## Data for this exercise
-=-=-
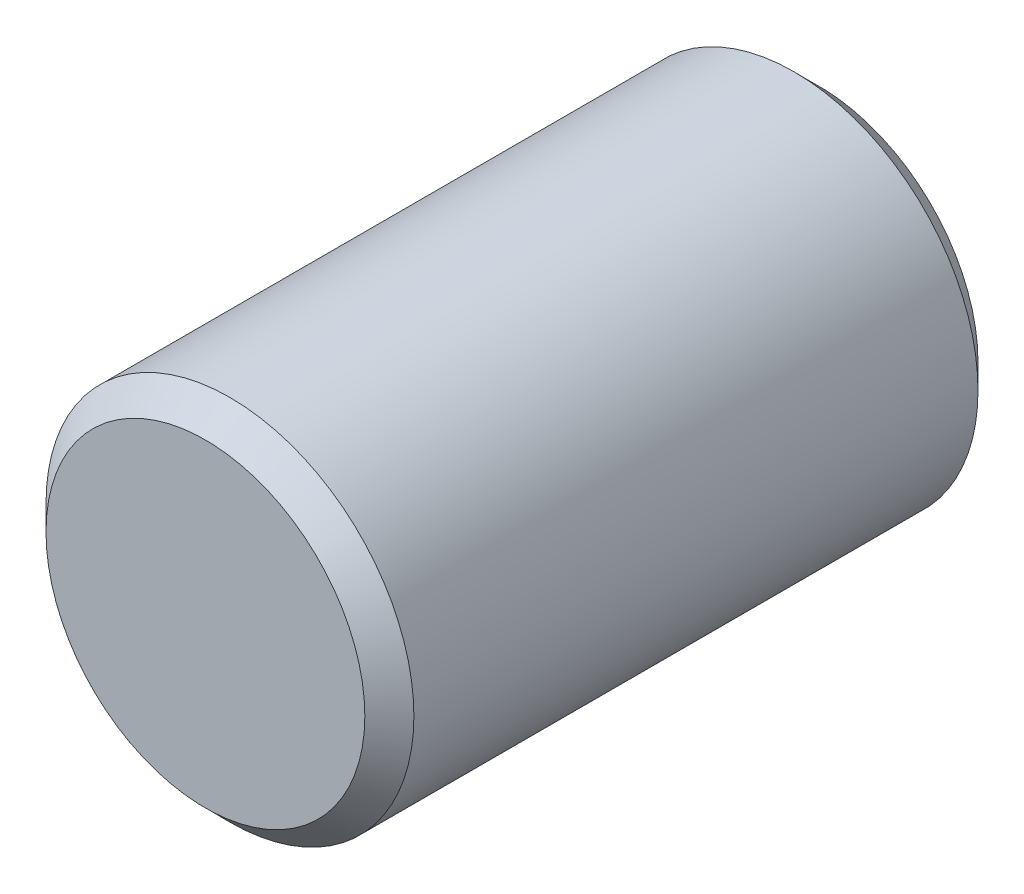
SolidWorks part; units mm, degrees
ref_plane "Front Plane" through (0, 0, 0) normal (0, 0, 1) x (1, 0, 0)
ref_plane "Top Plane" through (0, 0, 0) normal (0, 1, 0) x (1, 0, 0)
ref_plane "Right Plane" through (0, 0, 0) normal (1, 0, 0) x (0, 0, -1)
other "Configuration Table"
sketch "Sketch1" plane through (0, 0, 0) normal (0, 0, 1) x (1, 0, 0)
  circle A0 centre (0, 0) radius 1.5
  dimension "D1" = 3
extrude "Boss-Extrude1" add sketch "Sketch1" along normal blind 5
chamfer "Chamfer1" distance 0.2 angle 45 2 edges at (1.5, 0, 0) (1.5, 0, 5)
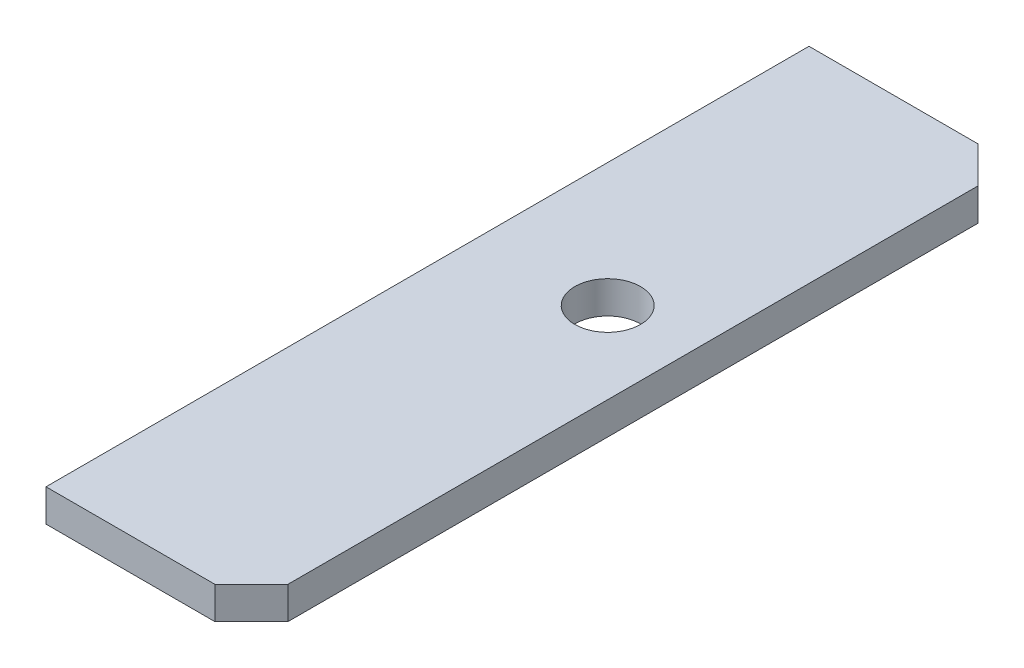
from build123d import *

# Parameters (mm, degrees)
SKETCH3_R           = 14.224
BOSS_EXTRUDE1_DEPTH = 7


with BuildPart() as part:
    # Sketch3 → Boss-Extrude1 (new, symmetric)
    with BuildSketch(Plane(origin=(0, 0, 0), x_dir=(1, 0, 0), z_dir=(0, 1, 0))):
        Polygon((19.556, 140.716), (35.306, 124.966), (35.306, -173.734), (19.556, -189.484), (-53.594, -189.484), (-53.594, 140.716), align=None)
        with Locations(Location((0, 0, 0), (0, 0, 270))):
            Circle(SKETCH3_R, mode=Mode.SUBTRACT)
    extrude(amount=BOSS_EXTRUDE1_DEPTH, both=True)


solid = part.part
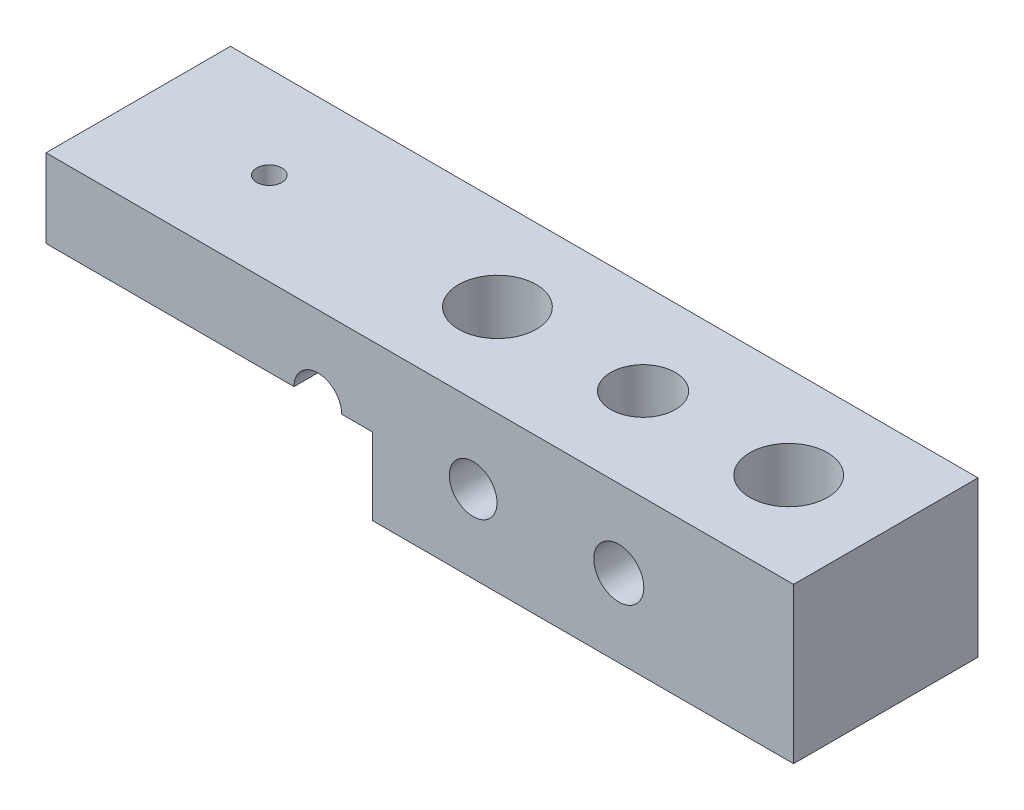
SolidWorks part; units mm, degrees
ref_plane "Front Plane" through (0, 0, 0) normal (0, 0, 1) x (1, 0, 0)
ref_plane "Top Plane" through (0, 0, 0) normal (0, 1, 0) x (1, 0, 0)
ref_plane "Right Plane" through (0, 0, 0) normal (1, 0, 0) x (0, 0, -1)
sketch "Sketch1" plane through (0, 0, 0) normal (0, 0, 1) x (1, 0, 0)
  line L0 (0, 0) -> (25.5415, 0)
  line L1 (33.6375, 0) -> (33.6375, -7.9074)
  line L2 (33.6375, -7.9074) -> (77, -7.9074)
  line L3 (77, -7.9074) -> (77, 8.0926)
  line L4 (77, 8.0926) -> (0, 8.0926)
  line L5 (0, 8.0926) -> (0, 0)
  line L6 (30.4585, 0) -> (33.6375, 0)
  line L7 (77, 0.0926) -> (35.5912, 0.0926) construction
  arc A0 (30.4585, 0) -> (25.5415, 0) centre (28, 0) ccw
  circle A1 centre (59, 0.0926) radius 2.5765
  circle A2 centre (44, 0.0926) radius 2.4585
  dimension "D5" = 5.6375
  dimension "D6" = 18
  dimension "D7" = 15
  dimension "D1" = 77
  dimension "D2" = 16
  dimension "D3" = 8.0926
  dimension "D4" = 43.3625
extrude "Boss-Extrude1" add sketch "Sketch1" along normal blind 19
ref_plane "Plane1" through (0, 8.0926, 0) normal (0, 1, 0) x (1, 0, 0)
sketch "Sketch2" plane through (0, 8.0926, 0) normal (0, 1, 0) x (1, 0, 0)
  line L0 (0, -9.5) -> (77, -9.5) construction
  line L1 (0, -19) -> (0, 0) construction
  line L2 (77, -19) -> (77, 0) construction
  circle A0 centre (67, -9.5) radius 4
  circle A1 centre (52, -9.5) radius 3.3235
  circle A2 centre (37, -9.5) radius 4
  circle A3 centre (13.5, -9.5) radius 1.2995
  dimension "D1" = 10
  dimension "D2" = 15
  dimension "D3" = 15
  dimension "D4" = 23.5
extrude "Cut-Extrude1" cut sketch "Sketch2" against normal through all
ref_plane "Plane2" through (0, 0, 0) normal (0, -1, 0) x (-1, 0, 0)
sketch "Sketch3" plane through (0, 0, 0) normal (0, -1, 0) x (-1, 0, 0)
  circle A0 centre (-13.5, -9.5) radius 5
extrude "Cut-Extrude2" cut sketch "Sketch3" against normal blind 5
-=-=-
## Exercise objective
Reproduce all of the records above exactly, but exclude the pictures.

## Reply
SolidWorks part; units mm, degrees
ref_plane "Front Plane" through (0, 0, 0) normal (0, 0, 1) x (1, 0, 0)
ref_plane "Top Plane" through (0, 0, 0) normal (0, 1, 0) x (1, 0, 0)
ref_plane "Right Plane" through (0, 0, 0) normal (1, 0, 0) x (0, 0, -1)
other "Configuration Table"
sketch "Sketch1" plane through (0, 0, 0) normal (0, 0, 1) x (1, 0, 0)
  circle A0 centre (0, 0) radius 1.5
  dimension "D1" = 3
extrude "Boss-Extrude1" add sketch "Sketch1" along normal blind 5
chamfer "Chamfer1" distance 0.2 angle 45 2 edges at (1.5, 0, 0) (1.5, 0, 5)
from build123d import *

# Parameters (mm, degrees)
SKETCH3_R           = 14.224
BOSS_EXTRUDE1_DEPTH = 7


with BuildPart() as part:
    # Sketch3 → Boss-Extrude1 (new, symmetric)
    with BuildSketch(Plane(origin=(0, 0, 0), x_dir=(1, 0, 0), z_dir=(0, 1, 0))):
        Polygon((19.556, 140.716), (35.306, 124.966), (35.306, -173.734), (19.556, -189.484), (-53.594, -189.484), (-53.594, 140.716), align=None)
        with Locations(Location((0, 0, 0), (0, 0, 270))):
            Circle(SKETCH3_R, mode=Mode.SUBTRACT)
    extrude(amount=BOSS_EXTRUDE1_DEPTH, both=True)


solid = part.part
SolidWorks part; units mm, degrees
ref_plane "Front Plane" through (0, 0, 0) normal (0, 0, 1) x (1, 0, 0)
ref_plane "Top Plane" through (0, 0, 0) normal (0, 1, 0) x (1, 0, 0)
ref_plane "Right Plane" through (0, 0, 0) normal (1, 0, 0) x (0, 0, -1)
sketch "Sketch1" plane through (0, 0, 0) normal (0, 0, 1) x (1, 0, 0)
  line L0 (0, 0) -> (25.5415, 0)
  line L1 (33.6375, 0) -> (33.6375, -7.9074)
  line L2 (33.6375, -7.9074) -> (77, -7.9074)
  line L3 (77, -7.9074) -> (77, 8.0926)
  line L4 (77, 8.0926) -> (0, 8.0926)
  line L5 (0, 8.0926) -> (0, 0)
  line L6 (30.4585, 0) -> (33.6375, 0)
  line L7 (77, 0.0926) -> (35.5912, 0.0926) construction
  arc A0 (30.4585, 0) -> (25.5415, 0) centre (28, 0) ccw
  circle A1 centre (59, 0.0926) radius 2.5765
  circle A2 centre (44, 0.0926) radius 2.4585
  dimension "D5" = 5.6375
  dimension "D6" = 18
  dimension "D7" = 15
  dimension "D1" = 77
  dimension "D2" = 16
  dimension "D3" = 8.0926
  dimension "D4" = 43.3625
extrude "Boss-Extrude1" add sketch "Sketch1" along normal blind 19
ref_plane "Plane1" through (0, 8.0926, 0) normal (0, 1, 0) x (1, 0, 0)
sketch "Sketch2" plane through (0, 8.0926, 0) normal (0, 1, 0) x (1, 0, 0)
  line L0 (0, -9.5) -> (77, -9.5) construction
  line L1 (0, -19) -> (0, 0) construction
  line L2 (77, -19) -> (77, 0) construction
  circle A0 centre (67, -9.5) radius 4
  circle A1 centre (52, -9.5) radius 3.3235
  circle A2 centre (37, -9.5) radius 4
  circle A3 centre (13.5, -9.5) radius 1.2995
  dimension "D1" = 10
  dimension "D2" = 15
  dimension "D3" = 15
  dimension "D4" = 23.5
extrude "Cut-Extrude1" cut sketch "Sketch2" against normal through all
ref_plane "Plane2" through (0, 0, 0) normal (0, -1, 0) x (-1, 0, 0)
sketch "Sketch3" plane through (0, 0, 0) normal (0, -1, 0) x (-1, 0, 0)
  circle A0 centre (-13.5, -9.5) radius 5
extrude "Cut-Extrude2" cut sketch "Sketch3" against normal blind 5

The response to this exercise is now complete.